**Exercise objective:**
In the material below, tally the lines that include the string "units", then write down only the total.

**Material provided:**
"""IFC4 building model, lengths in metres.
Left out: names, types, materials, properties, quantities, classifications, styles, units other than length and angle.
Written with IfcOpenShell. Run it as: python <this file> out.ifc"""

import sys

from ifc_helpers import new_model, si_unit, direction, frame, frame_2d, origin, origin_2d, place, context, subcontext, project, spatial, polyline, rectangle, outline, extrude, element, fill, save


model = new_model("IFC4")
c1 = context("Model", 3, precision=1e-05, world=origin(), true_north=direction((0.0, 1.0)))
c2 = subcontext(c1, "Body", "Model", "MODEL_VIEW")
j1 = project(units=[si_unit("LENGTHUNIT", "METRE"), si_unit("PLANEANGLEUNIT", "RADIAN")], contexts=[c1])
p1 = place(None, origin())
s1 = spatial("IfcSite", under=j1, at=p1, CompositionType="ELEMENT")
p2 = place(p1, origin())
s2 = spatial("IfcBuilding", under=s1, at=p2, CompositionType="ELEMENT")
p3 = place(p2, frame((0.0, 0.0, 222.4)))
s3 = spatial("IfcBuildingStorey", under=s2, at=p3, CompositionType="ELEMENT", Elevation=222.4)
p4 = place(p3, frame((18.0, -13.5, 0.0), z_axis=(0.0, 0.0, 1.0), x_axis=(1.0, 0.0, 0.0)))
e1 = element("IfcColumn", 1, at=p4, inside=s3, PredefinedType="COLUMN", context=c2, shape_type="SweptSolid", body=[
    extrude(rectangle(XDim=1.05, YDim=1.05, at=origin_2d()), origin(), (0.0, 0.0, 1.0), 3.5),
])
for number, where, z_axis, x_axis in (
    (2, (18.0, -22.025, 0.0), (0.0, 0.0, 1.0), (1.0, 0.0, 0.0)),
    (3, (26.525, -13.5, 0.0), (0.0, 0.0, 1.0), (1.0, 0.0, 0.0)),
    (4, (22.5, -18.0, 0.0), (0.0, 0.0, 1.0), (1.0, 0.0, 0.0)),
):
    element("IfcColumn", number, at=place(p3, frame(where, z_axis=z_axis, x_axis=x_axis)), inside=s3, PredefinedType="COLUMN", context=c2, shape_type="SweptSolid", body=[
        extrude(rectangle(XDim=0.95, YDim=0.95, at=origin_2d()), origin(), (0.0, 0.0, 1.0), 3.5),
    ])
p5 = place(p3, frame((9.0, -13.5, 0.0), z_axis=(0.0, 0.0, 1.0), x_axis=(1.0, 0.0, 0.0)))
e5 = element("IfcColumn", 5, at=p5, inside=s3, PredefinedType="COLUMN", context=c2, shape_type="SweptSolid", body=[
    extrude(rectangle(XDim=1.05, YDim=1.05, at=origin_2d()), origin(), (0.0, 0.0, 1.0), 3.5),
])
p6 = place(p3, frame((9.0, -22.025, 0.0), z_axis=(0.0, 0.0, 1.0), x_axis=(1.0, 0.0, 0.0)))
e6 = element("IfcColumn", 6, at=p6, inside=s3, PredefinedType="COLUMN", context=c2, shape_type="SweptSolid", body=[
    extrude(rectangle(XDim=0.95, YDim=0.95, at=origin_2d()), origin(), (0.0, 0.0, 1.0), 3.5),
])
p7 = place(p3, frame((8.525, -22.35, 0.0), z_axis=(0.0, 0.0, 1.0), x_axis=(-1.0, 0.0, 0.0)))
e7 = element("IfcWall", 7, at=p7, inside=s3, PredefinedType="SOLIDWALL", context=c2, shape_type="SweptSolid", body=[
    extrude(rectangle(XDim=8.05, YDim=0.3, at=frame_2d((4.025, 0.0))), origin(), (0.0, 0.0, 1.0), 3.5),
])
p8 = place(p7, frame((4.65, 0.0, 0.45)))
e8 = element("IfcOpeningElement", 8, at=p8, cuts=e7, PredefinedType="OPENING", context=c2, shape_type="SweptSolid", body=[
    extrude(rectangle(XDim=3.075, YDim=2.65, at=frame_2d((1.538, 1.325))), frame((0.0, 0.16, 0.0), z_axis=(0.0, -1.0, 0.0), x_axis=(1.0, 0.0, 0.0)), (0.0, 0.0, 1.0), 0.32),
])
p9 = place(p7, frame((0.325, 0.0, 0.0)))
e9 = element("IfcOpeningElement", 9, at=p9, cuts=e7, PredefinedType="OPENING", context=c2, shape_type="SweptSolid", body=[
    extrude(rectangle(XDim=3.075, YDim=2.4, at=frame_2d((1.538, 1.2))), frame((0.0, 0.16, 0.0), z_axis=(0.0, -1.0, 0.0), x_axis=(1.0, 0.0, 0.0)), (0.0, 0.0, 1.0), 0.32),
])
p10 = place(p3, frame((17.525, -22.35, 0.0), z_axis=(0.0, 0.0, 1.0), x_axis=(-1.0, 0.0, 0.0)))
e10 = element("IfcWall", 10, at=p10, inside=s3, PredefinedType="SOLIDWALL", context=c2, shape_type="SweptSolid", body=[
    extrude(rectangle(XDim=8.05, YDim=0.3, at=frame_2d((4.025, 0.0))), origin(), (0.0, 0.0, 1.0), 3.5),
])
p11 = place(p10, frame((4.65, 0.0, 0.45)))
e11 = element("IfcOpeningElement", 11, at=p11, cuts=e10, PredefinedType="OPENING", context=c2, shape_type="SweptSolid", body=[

**Written answer:**
2